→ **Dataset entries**
+++

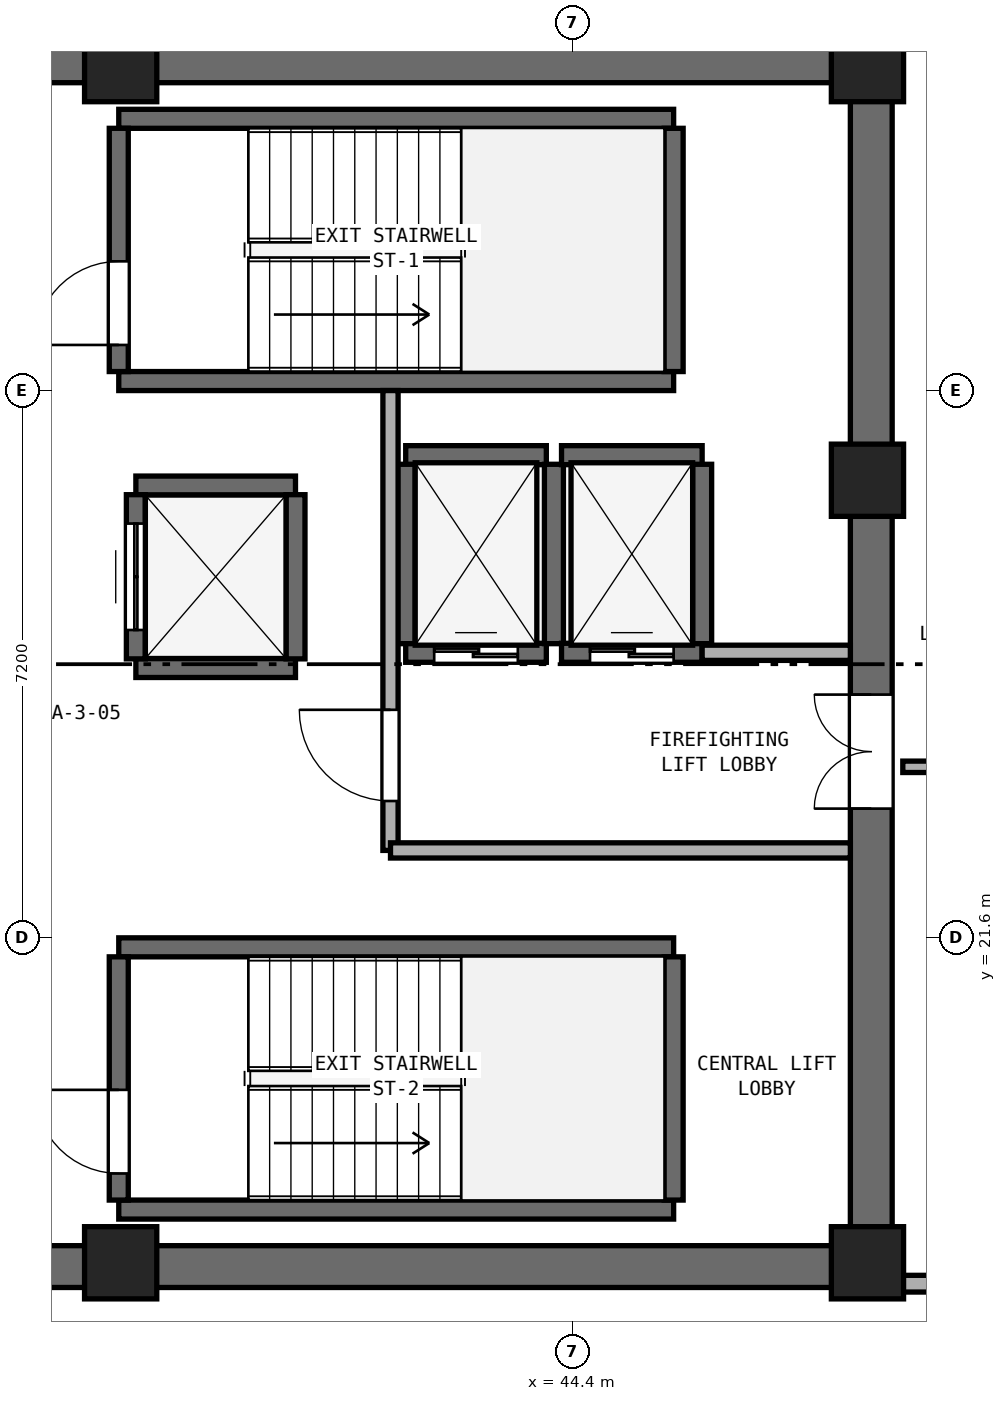
"""IFC4 building model, lengths in metres.
Left out: names, types, materials, properties, quantities, classifications, styles, units other than length and angle.
Written with IfcOpenShell. Run it as: python <this file> out.ifc"""

import sys

from ifc_helpers import new_model, si_unit, direction, frame, frame_2d, origin, origin_2d, place, context, subcontext, project, spatial, rectangle, extrude, element, fill, save


model = new_model("IFC4")
c1 = context("Model", 3, precision=1e-05, world=origin(), true_north=direction((0.0, 1.0)))
c2 = subcontext(c1, "Body", "Model", "MODEL_VIEW")
j1 = project(units=[si_unit("LENGTHUNIT", "METRE"), si_unit("PLANEANGLEUNIT", "RADIAN")], contexts=[c1])
p1 = place(None, origin())
s1 = spatial("IfcSite", under=j1, at=p1, CompositionType="ELEMENT")
p2 = place(p1, origin())
s2 = spatial("IfcBuilding", under=s1, at=p2, CompositionType="ELEMENT")
p3 = place(p2, frame((0.0, 0.0, 155.4)))
s3 = spatial("IfcBuildingStorey", under=s2, at=p3, CompositionType="ELEMENT", Elevation=155.4)
for number, where, z_axis, x_axis in (
    (1, (25.4, 17.275, 0.0), (0.0, 0.0, 1.0), (1.0, 0.0, 0.0)),
    (2, (25.4, 33.125, 0.0), (0.0, 0.0, 1.0), (1.0, 0.0, 0.0)),
):
    element("IfcWall", number, at=place(p3, frame(where, z_axis=z_axis, x_axis=x_axis)), inside=s3, PredefinedType="SHEAR", context=c2, shape_type="SweptSolid", body=[
        extrude(rectangle(XDim=23.2, YDim=0.55, at=frame_2d((11.6, 0.0))), origin(), (0.0, 0.0, 1.0), 3.54),
    ])
p4 = place(p3, frame((48.325, 17.55, 0.0), z_axis=(0.0, 0.0, 1.0), x_axis=(0.0, 1.0, 0.0)))
e3 = element("IfcWall", 3, at=p4, inside=s3, PredefinedType="SHEAR", context=c2, shape_type="SweptSolid", body=[
    extrude(rectangle(XDim=15.3, YDim=0.55, at=frame_2d((7.65, 0.0))), origin(), (0.0, 0.0, 1.0), 3.54),
])
p5 = place(p4, frame((5.75, 0.0, 0.0)))
e4 = element("IfcOpeningElement", 4, at=p5, cuts=e3, PredefinedType="OPENING", context=c2, shape_type="SweptSolid", body=[
    extrude(rectangle(XDim=1.5, YDim=2.15, at=frame_2d((0.75, 1.075))), frame((0.0, 0.285, 0.0), z_axis=(0.0, -1.0, 0.0), x_axis=(1.0, 0.0, 0.0)), (0.0, 0.0, 1.0), 0.57),
])
for number, where, z_axis, x_axis in (
    (5, (38.45, 17.325, 0.0), (0.0, 0.0, 1.0), (1.0, 0.0, 0.0)),
    (6, (48.275, 17.325, 0.0), (0.0, 0.0, 1.0), (1.0, 0.0, 0.0)),
    (7, (48.275, 27.62, 0.0), (0.0, 0.0, 1.0), (1.0, 0.0, 0.0)),
    (8, (48.275, 33.075, 0.0), (0.0, 0.0, 1.0), (1.0, 0.0, 0.0)),
    (9, (38.45, 33.075, 0.0), (0.0, 0.0, 1.0), (1.0, 0.0, 0.0)),
):
    element("IfcColumn", number, at=place(p3, frame(where, z_axis=z_axis, x_axis=x_axis)), inside=s3, PredefinedType="PILASTER", context=c2, shape_type="SweptSolid", body=[
        extrude(rectangle(XDim=0.95, YDim=0.95, at=origin_2d()), origin(), (0.0, 0.0, 1.0), 3.8),
    ])
for number, where, z_axis, x_axis in (
    (10, (38.425, 28.925, 0.0), (0.0, 0.0, 1.0), (1.0, 0.0, 0.0)),
    (11, (38.425, 32.375, 0.0), (0.0, 0.0, 1.0), (1.0, 0.0, 0.0)),
):
    element("IfcWall", number, at=place(p3, frame(where, z_axis=z_axis, x_axis=x_axis)), inside=s3, PredefinedType="SHEAR", context=c2, shape_type="SweptSolid", body=[
        extrude(rectangle(XDim=7.3, YDim=0.25, at=frame_2d((3.65, 0.0))), origin(), (0.0, 0.0, 1.0), 3.54),
    ])
p6 = place(p3, frame((38.425, 29.05, 0.0), z_axis=(0.0, 0.0, 1.0), x_axis=(0.0, 1.0, 0.0)))
e12 = element("IfcWall", 12, at=p6, inside=s3, PredefinedType="SHEAR", context=c2, shape_type="SweptSolid", body=[
    extrude(rectangle(XDim=3.2, YDim=0.25, at=frame_2d((1.6, 0.0))), origin(), (0.0, 0.0, 1.0), 3.54),
])
p7 = place(p6, frame((0.35, 0.0, 0.0)))
e13 = element("IfcOpeningElement", 13, at=p7, cuts=e12, PredefinedType="OPENING", context=c2, shape_type="SweptSolid", body=[
    extrude(rectangle(XDim=1.1, YDim=2.15, at=frame_2d((0.55, 1.075))), frame((0.0, 0.135, 0.0), z_axis=(0.0, -1.0, 0.0), x_axis=(1.0, 0.0, 0.0)), (0.0, 0.0, 1.0), 0.27),
])
p8 = place(p3, frame((45.725, 29.05, 0.0), z_axis=(0.0, 0.0, 1.0), x_axis=(0.0, 1.0, 0.0)))
e14 = element("IfcWall", 14, at=p8, inside=s3, PredefinedType="SHEAR", context=c2, shape_type="SweptSolid", body=[
    extrude(rectangle(XDim=3.2, YDim=0.25, at=frame_2d((1.6, 0.0))), origin(), (0.0, 0.0, 1.0), 3.54),
])
for number, where, z_axis, x_axis in (
    (15, (38.425, 18.025, 0.0), (0.0, 0.0, 1.0), (1.0, 0.0, 0.0)),
    (16, (38.425, 21.475, 0.0), (0.0, 0.0, 1.0), (1.0, 0.0, 0.0)),
):
    element("IfcWall", number, at=place(p3, frame(where, z_axis=z_axis, x_axis=x_axis)), inside=s3, PredefinedType="SHEAR", context=c2, shape_type="SweptSolid", body=[
        extrude(rectangle(XDim=7.3, YDim=0.25, at=frame_2d((3.65, 0.0))), origin(), (0.0, 0.0, 1.0), 3.54),
    ])
p9 = place(p3, frame((38.425, 18.15, 0.0), z_axis=(0.0, 0.0, 1.0), x_axis=(0.0, 1.0, 0.0)))
e17 = element("IfcWall", 17, at=p9, inside=s3, PredefinedType="SHEAR", context=c2, shape_type="SweptSolid", body=[
    extrude(rectangle(XDim=3.2, YDim=0.25, at=frame_2d((1.6, 0.0))), origin(), (0.0, 0.0, 1.0), 3.54),
])
p10 = place(p9, frame((0.35, 0.0, 0.0)))
e18 = element("IfcOpeningElement", 18, at=p10, cuts=e17, PredefinedType="OPENING", context=c2, shape_type="SweptSolid", body=[
    extrude(rectangle(XDim=1.1, YDim=2.15, at=frame_2d((0.55, 1.075))), frame((0.0, 0.135, 0.0), z_axis=(0.0, -1.0, 0.0), x_axis=(1.0, 0.0, 0.0)), (0.0, 0.0, 1.0), 0.27),
])
p11 = place(p3, frame((45.725, 18.15, 0.0), z_axis=(0.0, 0.0, 1.0), x_axis=(0.0, 1.0, 0.0)))
e19 = element("IfcWall", 19, at=p11, inside=s3, PredefinedType="SHEAR", context=c2, shape_type="SweptSolid", body=[
    extrude(rectangle(XDim=3.2, YDim=0.25, at=frame_2d((1.6, 0.0))), origin(), (0.0, 0.0, 1.0), 3.54),
])
p12 = place(p3, frame((42.2, 25.35, 0.0), z_axis=(0.0, 0.0, 1.0), x_axis=(1.0, 0.0, 0.0)))
e20 = element("IfcWall", 20, at=p12, inside=s3, PredefinedType="SHEAR", context=c2, shape_type="SweptSolid", body=[
    extrude(rectangle(XDim=1.85, YDim=0.25, at=frame_2d((0.925, 0.0))), origin(), (0.0, 0.0, 1.0), 3.54),
])
p13 = place(p12, frame((0.375, 0.0, 0.0)))
e21 = element("IfcOpeningElement", 21, at=p13, cuts=e20, PredefinedType="OPENING", context=c2, shape_type="SweptSolid", body=[
    extrude(rectangle(XDim=1.1, YDim=2.15, at=frame_2d((0.55, 1.075))), frame((0.0, 0.135, 0.0), z_axis=(0.0, -1.0, 0.0), x_axis=(1.0, 0.0, 0.0)), (0.0, 0.0, 1.0), 0.27),
])
p14 = place(p3, frame((42.2, 27.95, 0.0), z_axis=(0.0, 0.0, 1.0), x_axis=(1.0, 0.0, 0.0)))
e22 = element("IfcWall", 22, at=p14, inside=s3, PredefinedType="SHEAR", context=c2, shape_type="SweptSolid", body=[
    extrude(rectangle(XDim=1.85, YDim=0.25, at=frame_2d((0.925, 0.0))), origin(), (0.0, 0.0, 1.0), 3.54),
])
for number, where, z_axis, x_axis in (
    (23, (42.2, 25.47, 0.0), (0.0, 0.0, 1.0), (0.0, 1.0, 0.0)),
    (24, (44.15, 25.47, 0.0), (0.0, 0.0, 1.0), (0.0, 1.0, 0.0)),
):
    element("IfcWall", number, at=place(p3, frame(where, z_axis=z_axis, x_axis=x_axis)), inside=s3, PredefinedType="SHEAR", context=c2, shape_type="SweptSolid", body=[
        extrude(rectangle(XDim=2.36, YDim=0.25, at=frame_2d((1.18, 0.0))), origin(), (0.0, 0.0, 1.0), 3.54),
    ])
p15 = place(p3, frame((44.25, 25.35, 0.0), z_axis=(0.0, 0.0, 1.0), x_axis=(1.0, 0.0, 0.0)))
e25 = element("IfcWall", 25, at=p15, inside=s3, PredefinedType="SHEAR", context=c2, shape_type="SweptSolid", body=[
    extrude(rectangle(XDim=1.85, YDim=0.25, at=frame_2d((0.925, 0.0))), origin(), (0.0, 0.0, 1.0), 3.54),
])
p16 = place(p15, frame((0.375, 0.0, 0.0)))
e26 = element("IfcOpeningElement", 26, at=p16, cuts=e25, PredefinedType="OPENING", context=c2, shape_type="SweptSolid", body=[
    extrude(rectangle(XDim=1.1, YDim=2.15, at=frame_2d((0.55, 1.075))), frame((0.0, 0.135, 0.0), z_axis=(0.0, -1.0, 0.0), x_axis=(1.0, 0.0, 0.0)), (0.0, 0.0, 1.0), 0.27),
])
p17 = place(p3, frame((44.25, 27.95, 0.0), z_axis=(0.0, 0.0, 1.0), x_axis=(1.0, 0.0, 0.0)))
e27 = element("IfcWall", 27, at=p17, inside=s3, PredefinedType="SHEAR", context=c2, shape_type="SweptSolid", body=[
    extrude(rectangle(XDim=1.85, YDim=0.25, at=frame_2d((0.925, 0.0))), origin(), (0.0, 0.0, 1.0), 3.54),
])
p18 = place(p3, frame((46.1, 25.47, 0.0), z_axis=(0.0, 0.0, 1.0), x_axis=(0.0, 1.0, 0.0)))
e28 = element("IfcWall", 28, at=p18, inside=s3, PredefinedType="SHEAR", context=c2, shape_type="SweptSolid", body=[
    extrude(rectangle(XDim=2.36, YDim=0.25, at=frame_2d((1.18, 0.0))), origin(), (0.0, 0.0, 1.0), 3.54),
])
for number, where, z_axis, x_axis in (
    (29, (38.65, 25.15, 0.0), (0.0, 0.0, 1.0), (1.0, 0.0, 0.0)),
    (30, (38.65, 27.55, 0.0), (0.0, 0.0, 1.0), (1.0, 0.0, 0.0)),
):
    element("IfcWall", number, at=place(p3, frame(where, z_axis=z_axis, x_axis=x_axis)), inside=s3, PredefinedType="SHEAR", context=c2, shape_type="SweptSolid", body=[
        extrude(rectangle(XDim=2.1, YDim=0.25, at=frame_2d((1.05, 0.0))), origin(), (0.0, 0.0, 1.0), 3.54),
    ])
p19 = place(p3, frame((38.65, 25.27, 0.0), z_axis=(0.0, 0.0, 1.0), x_axis=(0.0, 1.0, 0.0)))
e31 = element("IfcWall", 31, at=p19, inside=s3, PredefinedType="SHEAR", context=c2, shape_type="SweptSolid", body=[
    extrude(rectangle(XDim=2.16, YDim=0.25, at=frame_2d((1.08, 0.0))), origin(), (0.0, 0.0, 1.0), 3.54),
])
p20 = place(p19, frame((0.38, 0.0, 0.0)))
e32 = element("IfcOpeningElement", 32, at=p20, cuts=e31, PredefinedType="OPENING", context=c2, shape_type="SweptSolid", body=[
    extrude(rectangle(XDim=1.4, YDim=2.2, at=frame_2d((0.7, 1.1))), frame((0.0, 0.135, 0.0), z_axis=(0.0, -1.0, 0.0), x_axis=(1.0, 0.0, 0.0)), (0.0, 0.0, 1.0), 0.27),
])
p21 = place(p3, frame((40.75, 25.27, 0.0), z_axis=(0.0, 0.0, 1.0), x_axis=(0.0, 1.0, 0.0)))
e33 = element("IfcWall", 33, at=p21, inside=s3, PredefinedType="SHEAR", context=c2, shape_type="SweptSolid", body=[
    extrude(rectangle(XDim=2.16, YDim=0.25, at=frame_2d((1.08, 0.0))), origin(), (0.0, 0.0, 1.0), 3.54),
])
p22 = place(p3, frame((42.0, 22.75, 0.0), z_axis=(0.0, 0.0, 1.0), x_axis=(0.0, 1.0, 0.0)))
e34 = element("IfcWall", 34, at=p22, inside=s3, PredefinedType="SOLIDWALL", context=c2, shape_type="SweptSolid", body=[
    extrude(rectangle(XDim=6.05, YDim=0.2, at=frame_2d((3.025, 0.0))), origin(), (0.0, 0.0, 1.0), 3.54),
])
p23 = place(p22, frame((0.65, 0.0, 0.0)))
e35 = element("IfcOpeningElement", 35, at=p23, cuts=e34, PredefinedType="OPENING", context=c2, shape_type="SweptSolid", body=[
    extrude(rectangle(XDim=1.2, YDim=2.15, at=frame_2d((0.6, 1.075))), frame((0.0, 0.11, 0.0), z_axis=(0.0, -1.0, 0.0), x_axis=(1.0, 0.0, 0.0)), (0.0, 0.0, 1.0), 0.22),
])
p24 = place(p3, frame((42.0, 22.75, 0.0), z_axis=(0.0, 0.0, 1.0), x_axis=(1.0, 0.0, 0.0)))
e36 = element("IfcWall", 36, at=p24, inside=s3, PredefinedType="SOLIDWALL", context=c2, shape_type="SweptSolid", body=[
    extrude(rectangle(XDim=6.05, YDim=0.2, at=frame_2d((3.025, 0.0))), origin(), (0.0, 0.0, 1.0), 3.54),
])
p25 = place(p3, frame((46.1, 25.35, 0.0), z_axis=(0.0, 0.0, 1.0), x_axis=(1.0, 0.0, 0.0)))
e37 = element("IfcWall", 37, at=p25, inside=s3, PredefinedType="SOLIDWALL", context=c2, shape_type="SweptSolid", body=[
    extrude(rectangle(XDim=1.95, YDim=0.2, at=frame_2d((0.975, 0.0))), origin(), (0.0, 0.0, 1.0), 3.54),
])
p26 = place(p3, frame((48.74, 17.05, 0.0), z_axis=(0.0, 0.0, 1.0), x_axis=(1.0, 0.0, 0.0)))
e38 = element("IfcWall", 38, at=p26, inside=s3, PredefinedType="PARTITIONING", context=c2, shape_type="SweptSolid", body=[
    extrude(rectangle(XDim=1.51, YDim=0.22, at=frame_2d((0.755, 0.0))), origin(), (0.0, 0.0, 1.0), 2.923),
])
p27 = place(p3, frame((48.74, 23.85, 0.0), z_axis=(0.0, 0.0, 1.0), x_axis=(1.0, 0.0, 0.0)))
e39 = element("IfcWall", 39, at=p27, inside=s3, PredefinedType="PARTITIONING", context=c2, shape_type="SweptSolid", body=[
    extrude(rectangle(XDim=12.855, YDim=0.15, at=frame_2d((6.427, 0.0))), origin(), (0.0, 0.0, 1.0), 3.54),
])
p28 = place(p27, frame((5.978, 0.0, 0.0)))
e40 = element("IfcOpeningElement", 40, at=p28, cuts=e39, PredefinedType="OPENING", context=c2, shape_type="SweptSolid", body=[
    extrude(rectangle(XDim=0.9, YDim=2.1, at=frame_2d((0.45, 1.05))), frame((0.0, 0.085, 0.0), z_axis=(0.0, -1.0, 0.0), x_axis=(1.0, 0.0, 0.0)), (0.0, 0.0, 1.0), 0.17),
])
p29 = place(p7, origin())
e41 = element("IfcDoor", 41, at=p29, inside=s3, OperationType="SINGLE_SWING_LEFT", PredefinedType="DOOR", context=c2, shape_type="SweptSolid", body=[
    extrude(rectangle(XDim=1.1, YDim=2.15, at=frame_2d((0.55, 1.075))), frame((0.0, 0.025, 0.0), z_axis=(0.0, -1.0, 0.0), x_axis=(1.0, 0.0, 0.0)), (0.0, 0.0, 1.0), 0.05),
])
fill(e13, e41)
p30 = place(p10, origin())
e42 = element("IfcDoor", 42, at=p30, inside=s3, OperationType="SINGLE_SWING_RIGHT", PredefinedType="DOOR", context=c2, shape_type="SweptSolid", body=[
    extrude(rectangle(XDim=1.1, YDim=2.15, at=frame_2d((0.55, 1.075))), frame((0.0, 0.025, 0.0), z_axis=(0.0, -1.0, 0.0), x_axis=(1.0, 0.0, 0.0)), (0.0, 0.0, 1.0), 0.05),
])
fill(e18, e42)
p31 = place(p13, origin())
e43 = element("IfcDoor", 43, at=p31, inside=s3, OperationType="DOUBLE_DOOR_SLIDING", PredefinedType="DOOR", context=c2, shape_type="SweptSolid", body=[
    extrude(rectangle(XDim=1.1, YDim=2.15, at=frame_2d((0.55, 1.075))), frame((0.0, 0.025, 0.0), z_axis=(0.0, -1.0, 0.0), x_axis=(1.0, 0.0, 0.0)), (0.0, 0.0, 1.0), 0.05),
])
fill(e21, e43)
p32 = place(p16, origin())
e44 = element("IfcDoor", 44, at=p32, inside=s3, OperationType="DOUBLE_DOOR_SLIDING", PredefinedType="DOOR", context=c2, shape_type="SweptSolid", body=[
    extrude(rectangle(XDim=1.1, YDim=2.15, at=frame_2d((0.55, 1.075))), frame((0.0, 0.025, 0.0), z_axis=(0.0, -1.0, 0.0), x_axis=(1.0, 0.0, 0.0)), (0.0, 0.0, 1.0), 0.05),
])
fill(e26, e44)
p33 = place(p20, origin())
e45 = element("IfcDoor", 45, at=p33, inside=s3, OperationType="DOUBLE_DOOR_SLIDING", PredefinedType="DOOR", context=c2, shape_type="SweptSolid", body=[
    extrude(rectangle(XDim=1.4, YDim=2.2, at=frame_2d((0.7, 1.1))), frame((0.0, 0.025, 0.0), z_axis=(0.0, -1.0, 0.0), x_axis=(1.0, 0.0, 0.0)), (0.0, 0.0, 1.0), 0.05),
])
fill(e32, e45)
p34 = place(p23, origin())
e46 = element("IfcDoor", 46, at=p34, inside=s3, OperationType="SINGLE_SWING_RIGHT", PredefinedType="DOOR", context=c2, shape_type="SweptSolid", body=[
    extrude(rectangle(XDim=1.2, YDim=2.15, at=frame_2d((0.6, 1.075))), frame((0.0, 0.025, 0.0), z_axis=(0.0, -1.0, 0.0), x_axis=(1.0, 0.0, 0.0)), (0.0, 0.0, 1.0), 0.05),
])
fill(e35, e46)
p35 = place(p5, origin())
e47 = element("IfcDoor", 47, at=p35, inside=s3, OperationType="DOUBLE_DOOR_SINGLE_SWING", PredefinedType="DOOR", context=c2, shape_type="SweptSolid", body=[
    extrude(rectangle(XDim=1.5, YDim=2.15, at=frame_2d((0.75, 1.075))), frame((0.0, 0.025, 0.0), z_axis=(0.0, -1.0, 0.0), x_axis=(1.0, 0.0, 0.0)), (0.0, 0.0, 1.0), 0.05),
])
fill(e4, e47)
save(model, sys.argv[1])

+++

→ **PROBLEM STATEMENT**
Print only the lines from the first line of the data above through the one containing "p5 = place(p4, frame((5.75, 0.0, 0.0)))", exactly as they are, with pictures omitted.

→ **RESULT OF THE TASK**
"""IFC4 building model, lengths in metres.
Left out: names, types, materials, properties, quantities, classifications, styles, units other than length and angle.
Written with IfcOpenShell. Run it as: python <this file> out.ifc"""

import sys

from ifc_helpers import new_model, si_unit, direction, frame, frame_2d, origin, origin_2d, place, context, subcontext, project, spatial, rectangle, extrude, element, fill, save


model = new_model("IFC4")
c1 = context("Model", 3, precision=1e-05, world=origin(), true_north=direction((0.0, 1.0)))
c2 = subcontext(c1, "Body", "Model", "MODEL_VIEW")
j1 = project(units=[si_unit("LENGTHUNIT", "METRE"), si_unit("PLANEANGLEUNIT", "RADIAN")], contexts=[c1])
p1 = place(None, origin())
s1 = spatial("IfcSite", under=j1, at=p1, CompositionType="ELEMENT")
p2 = place(p1, origin())
s2 = spatial("IfcBuilding", under=s1, at=p2, CompositionType="ELEMENT")
p3 = place(p2, frame((0.0, 0.0, 155.4)))
s3 = spatial("IfcBuildingStorey", under=s2, at=p3, CompositionType="ELEMENT", Elevation=155.4)
for number, where, z_axis, x_axis in (
    (1, (25.4, 17.275, 0.0), (0.0, 0.0, 1.0), (1.0, 0.0, 0.0)),
    (2, (25.4, 33.125, 0.0), (0.0, 0.0, 1.0), (1.0, 0.0, 0.0)),
):
    element("IfcWall", number, at=place(p3, frame(where, z_axis=z_axis, x_axis=x_axis)), inside=s3, PredefinedType="SHEAR", context=c2, shape_type="SweptSolid", body=[
        extrude(rectangle(XDim=23.2, YDim=0.55, at=frame_2d((11.6, 0.0))), origin(), (0.0, 0.0, 1.0), 3.54),
    ])
p4 = place(p3, frame((48.325, 17.55, 0.0), z_axis=(0.0, 0.0, 1.0), x_axis=(0.0, 1.0, 0.0)))
e3 = element("IfcWall", 3, at=p4, inside=s3, PredefinedType="SHEAR", context=c2, shape_type="SweptSolid", body=[
    extrude(rectangle(XDim=15.3, YDim=0.55, at=frame_2d((7.65, 0.0))), origin(), (0.0, 0.0, 1.0), 3.54),
])
p5 = place(p4, frame((5.75, 0.0, 0.0)))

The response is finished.